## Records supplied
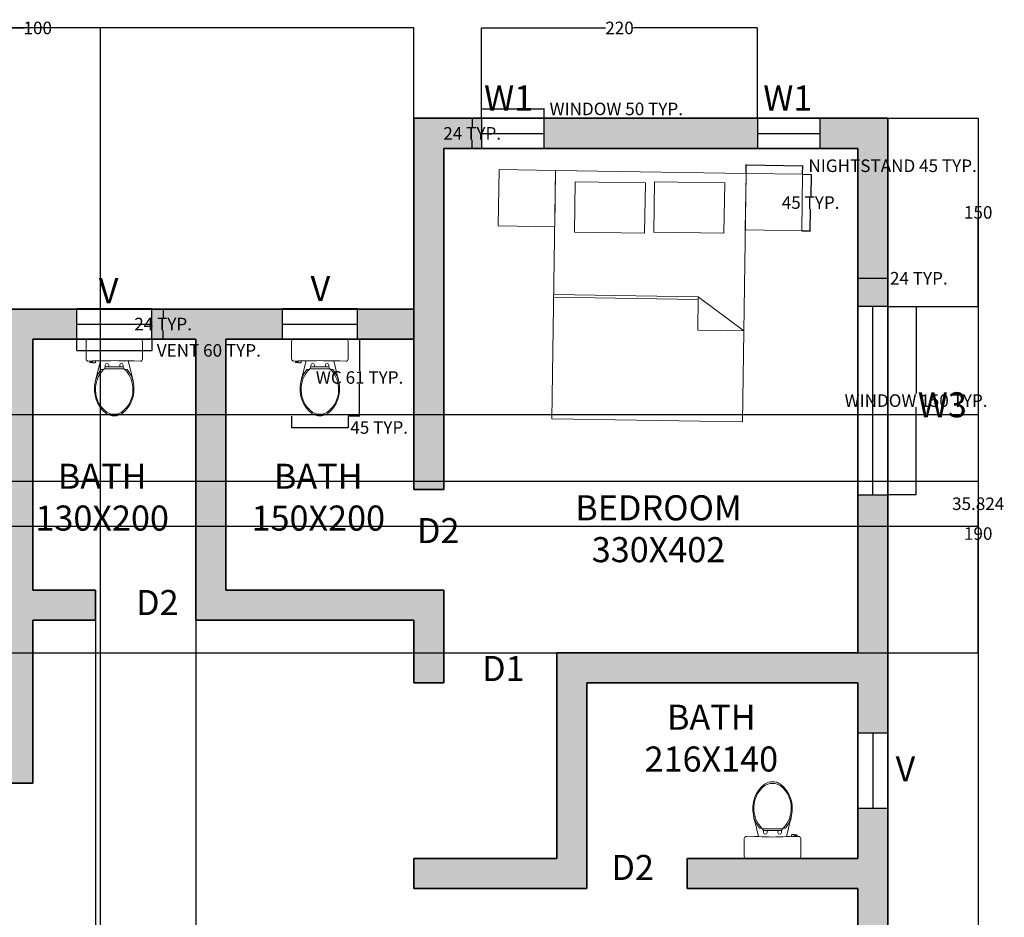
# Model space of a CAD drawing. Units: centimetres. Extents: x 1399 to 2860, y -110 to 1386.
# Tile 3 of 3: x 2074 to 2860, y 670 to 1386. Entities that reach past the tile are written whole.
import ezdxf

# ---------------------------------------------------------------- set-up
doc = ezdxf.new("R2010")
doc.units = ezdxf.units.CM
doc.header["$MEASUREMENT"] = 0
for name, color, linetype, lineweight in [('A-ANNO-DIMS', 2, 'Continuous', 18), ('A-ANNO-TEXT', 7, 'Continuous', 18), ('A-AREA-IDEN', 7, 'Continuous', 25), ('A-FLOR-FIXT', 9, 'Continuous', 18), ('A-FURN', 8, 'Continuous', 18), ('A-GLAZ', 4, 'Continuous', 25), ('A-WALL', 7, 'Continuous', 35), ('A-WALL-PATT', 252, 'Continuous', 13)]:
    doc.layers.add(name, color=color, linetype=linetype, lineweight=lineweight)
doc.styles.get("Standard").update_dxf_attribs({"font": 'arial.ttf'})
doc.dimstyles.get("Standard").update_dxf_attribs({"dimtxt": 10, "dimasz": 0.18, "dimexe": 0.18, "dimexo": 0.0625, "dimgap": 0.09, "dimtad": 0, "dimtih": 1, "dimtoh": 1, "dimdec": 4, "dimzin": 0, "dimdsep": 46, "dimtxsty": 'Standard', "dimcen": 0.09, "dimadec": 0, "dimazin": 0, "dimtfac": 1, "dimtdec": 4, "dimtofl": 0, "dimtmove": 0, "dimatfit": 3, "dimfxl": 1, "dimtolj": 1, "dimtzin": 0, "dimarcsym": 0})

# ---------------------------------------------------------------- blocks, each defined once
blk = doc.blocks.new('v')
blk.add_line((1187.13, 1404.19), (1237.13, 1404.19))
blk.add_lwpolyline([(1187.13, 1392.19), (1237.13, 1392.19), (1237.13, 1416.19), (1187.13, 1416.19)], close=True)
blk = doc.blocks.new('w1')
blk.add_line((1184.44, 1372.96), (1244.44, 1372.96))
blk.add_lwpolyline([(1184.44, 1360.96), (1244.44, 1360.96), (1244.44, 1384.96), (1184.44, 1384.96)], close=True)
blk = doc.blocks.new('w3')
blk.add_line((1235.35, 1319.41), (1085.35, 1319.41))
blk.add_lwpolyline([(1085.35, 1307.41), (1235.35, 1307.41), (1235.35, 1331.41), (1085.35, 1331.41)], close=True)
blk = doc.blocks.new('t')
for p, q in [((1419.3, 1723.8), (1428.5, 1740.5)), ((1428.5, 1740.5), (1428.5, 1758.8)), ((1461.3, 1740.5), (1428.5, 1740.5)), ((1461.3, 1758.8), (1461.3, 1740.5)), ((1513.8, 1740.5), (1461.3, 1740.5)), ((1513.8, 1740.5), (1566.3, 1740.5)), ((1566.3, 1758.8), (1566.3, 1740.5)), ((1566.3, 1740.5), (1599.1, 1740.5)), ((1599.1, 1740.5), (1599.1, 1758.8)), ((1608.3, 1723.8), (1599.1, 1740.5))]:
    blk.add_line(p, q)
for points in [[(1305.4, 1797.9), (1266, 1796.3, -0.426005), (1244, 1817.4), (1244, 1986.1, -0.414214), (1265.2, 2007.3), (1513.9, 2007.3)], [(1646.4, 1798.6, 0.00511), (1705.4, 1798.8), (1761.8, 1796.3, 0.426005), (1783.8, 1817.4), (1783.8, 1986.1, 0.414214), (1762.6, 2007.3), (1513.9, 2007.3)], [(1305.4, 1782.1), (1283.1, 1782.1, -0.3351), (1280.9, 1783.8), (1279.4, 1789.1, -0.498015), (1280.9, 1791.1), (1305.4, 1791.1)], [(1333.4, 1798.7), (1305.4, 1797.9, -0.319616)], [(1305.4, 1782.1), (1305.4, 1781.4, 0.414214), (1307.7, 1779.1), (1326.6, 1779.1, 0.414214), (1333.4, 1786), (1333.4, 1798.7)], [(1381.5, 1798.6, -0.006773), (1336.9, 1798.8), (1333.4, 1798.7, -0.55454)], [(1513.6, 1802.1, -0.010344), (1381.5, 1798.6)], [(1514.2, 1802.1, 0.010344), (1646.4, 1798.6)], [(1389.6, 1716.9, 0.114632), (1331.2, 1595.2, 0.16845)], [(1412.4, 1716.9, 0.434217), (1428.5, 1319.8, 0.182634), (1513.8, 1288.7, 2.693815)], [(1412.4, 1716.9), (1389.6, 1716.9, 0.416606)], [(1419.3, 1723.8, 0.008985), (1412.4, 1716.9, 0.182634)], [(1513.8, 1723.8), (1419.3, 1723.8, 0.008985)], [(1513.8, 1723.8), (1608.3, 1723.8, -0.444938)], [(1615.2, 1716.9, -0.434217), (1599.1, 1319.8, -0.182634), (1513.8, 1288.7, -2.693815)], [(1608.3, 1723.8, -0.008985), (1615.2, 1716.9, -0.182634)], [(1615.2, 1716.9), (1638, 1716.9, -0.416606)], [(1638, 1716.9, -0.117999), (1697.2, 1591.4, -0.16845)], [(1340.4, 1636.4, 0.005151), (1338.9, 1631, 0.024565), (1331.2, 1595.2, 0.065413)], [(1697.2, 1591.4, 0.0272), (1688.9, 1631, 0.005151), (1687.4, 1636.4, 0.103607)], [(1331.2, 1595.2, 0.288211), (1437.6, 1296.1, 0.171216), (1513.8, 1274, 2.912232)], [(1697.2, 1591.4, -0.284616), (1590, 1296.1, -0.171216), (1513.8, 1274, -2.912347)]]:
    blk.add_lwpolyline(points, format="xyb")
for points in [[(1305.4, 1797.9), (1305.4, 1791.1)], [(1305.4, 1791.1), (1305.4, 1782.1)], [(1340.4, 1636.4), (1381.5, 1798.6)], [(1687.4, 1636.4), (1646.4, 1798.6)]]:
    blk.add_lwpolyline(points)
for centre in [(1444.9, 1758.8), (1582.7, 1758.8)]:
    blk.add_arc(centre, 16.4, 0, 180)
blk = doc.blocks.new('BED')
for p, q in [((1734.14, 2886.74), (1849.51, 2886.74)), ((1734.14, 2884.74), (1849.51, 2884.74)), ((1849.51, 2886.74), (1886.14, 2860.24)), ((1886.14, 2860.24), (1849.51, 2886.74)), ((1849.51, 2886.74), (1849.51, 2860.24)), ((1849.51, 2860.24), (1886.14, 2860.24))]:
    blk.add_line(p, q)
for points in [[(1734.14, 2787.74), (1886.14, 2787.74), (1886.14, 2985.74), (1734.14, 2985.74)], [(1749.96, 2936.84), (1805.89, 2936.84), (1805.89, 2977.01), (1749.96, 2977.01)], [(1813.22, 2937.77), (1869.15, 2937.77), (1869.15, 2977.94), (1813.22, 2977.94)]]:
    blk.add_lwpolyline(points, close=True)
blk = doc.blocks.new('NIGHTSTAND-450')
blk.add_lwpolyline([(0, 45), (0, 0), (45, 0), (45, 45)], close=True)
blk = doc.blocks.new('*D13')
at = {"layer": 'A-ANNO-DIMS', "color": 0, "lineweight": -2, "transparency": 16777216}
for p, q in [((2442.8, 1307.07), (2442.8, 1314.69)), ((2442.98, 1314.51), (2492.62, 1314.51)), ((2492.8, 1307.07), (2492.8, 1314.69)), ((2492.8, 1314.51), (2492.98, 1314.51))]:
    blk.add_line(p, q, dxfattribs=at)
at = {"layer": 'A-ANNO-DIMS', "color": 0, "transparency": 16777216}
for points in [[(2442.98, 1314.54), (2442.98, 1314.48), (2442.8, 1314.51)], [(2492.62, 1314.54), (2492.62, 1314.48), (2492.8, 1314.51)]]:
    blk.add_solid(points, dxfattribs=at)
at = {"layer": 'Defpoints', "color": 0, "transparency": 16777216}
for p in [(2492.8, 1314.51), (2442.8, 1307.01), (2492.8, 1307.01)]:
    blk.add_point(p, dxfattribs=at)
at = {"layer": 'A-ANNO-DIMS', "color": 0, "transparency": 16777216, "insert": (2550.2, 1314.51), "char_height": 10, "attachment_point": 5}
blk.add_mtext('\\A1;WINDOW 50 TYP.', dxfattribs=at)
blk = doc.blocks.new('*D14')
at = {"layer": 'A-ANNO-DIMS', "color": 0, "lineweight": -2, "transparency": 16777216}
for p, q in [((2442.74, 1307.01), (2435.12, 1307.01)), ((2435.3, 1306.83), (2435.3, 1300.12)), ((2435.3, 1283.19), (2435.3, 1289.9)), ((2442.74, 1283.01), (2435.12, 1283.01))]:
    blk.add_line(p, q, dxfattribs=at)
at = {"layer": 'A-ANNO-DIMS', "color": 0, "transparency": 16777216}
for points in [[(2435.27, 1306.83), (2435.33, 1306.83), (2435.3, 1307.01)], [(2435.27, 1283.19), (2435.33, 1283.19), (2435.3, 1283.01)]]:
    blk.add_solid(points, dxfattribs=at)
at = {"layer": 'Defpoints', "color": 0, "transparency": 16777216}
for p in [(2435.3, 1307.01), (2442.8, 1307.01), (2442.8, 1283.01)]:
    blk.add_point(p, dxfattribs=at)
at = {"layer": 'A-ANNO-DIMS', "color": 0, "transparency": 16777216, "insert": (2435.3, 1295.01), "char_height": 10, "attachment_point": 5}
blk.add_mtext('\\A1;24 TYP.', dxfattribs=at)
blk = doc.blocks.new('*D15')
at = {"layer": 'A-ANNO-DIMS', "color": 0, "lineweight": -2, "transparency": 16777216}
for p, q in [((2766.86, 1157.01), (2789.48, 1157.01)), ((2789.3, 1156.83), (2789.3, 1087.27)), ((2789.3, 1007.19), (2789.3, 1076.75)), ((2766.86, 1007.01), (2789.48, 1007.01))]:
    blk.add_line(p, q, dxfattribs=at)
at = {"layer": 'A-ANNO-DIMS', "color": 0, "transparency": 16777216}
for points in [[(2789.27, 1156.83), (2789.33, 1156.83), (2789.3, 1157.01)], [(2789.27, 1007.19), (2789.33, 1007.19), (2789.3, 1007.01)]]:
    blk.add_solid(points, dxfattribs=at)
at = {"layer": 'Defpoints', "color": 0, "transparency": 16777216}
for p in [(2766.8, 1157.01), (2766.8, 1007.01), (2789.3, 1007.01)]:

## Task
Search the entries for the string "name" and collect each line that has it.

## Answer space
for name, color, linetype, lineweight in [('A-ANNO-DIMS', 2, 'Continuous', 18), ('A-ANNO-TEXT', 7, 'Continuous', 18), ('A-AREA-IDEN', 7, 'Continuous', 25), ('A-FLOR-FIXT', 9, 'Continuous', 18), ('A-FURN', 8, 'Continuous', 18), ('A-GLAZ', 4, 'Continuous', 25), ('A-WALL', 7, 'Continuous', 35), ('A-WALL-PATT', 252, 'Continuous', 13)]:
    doc.layers.add(name, color=color, linetype=linetype, lineweight=lineweight)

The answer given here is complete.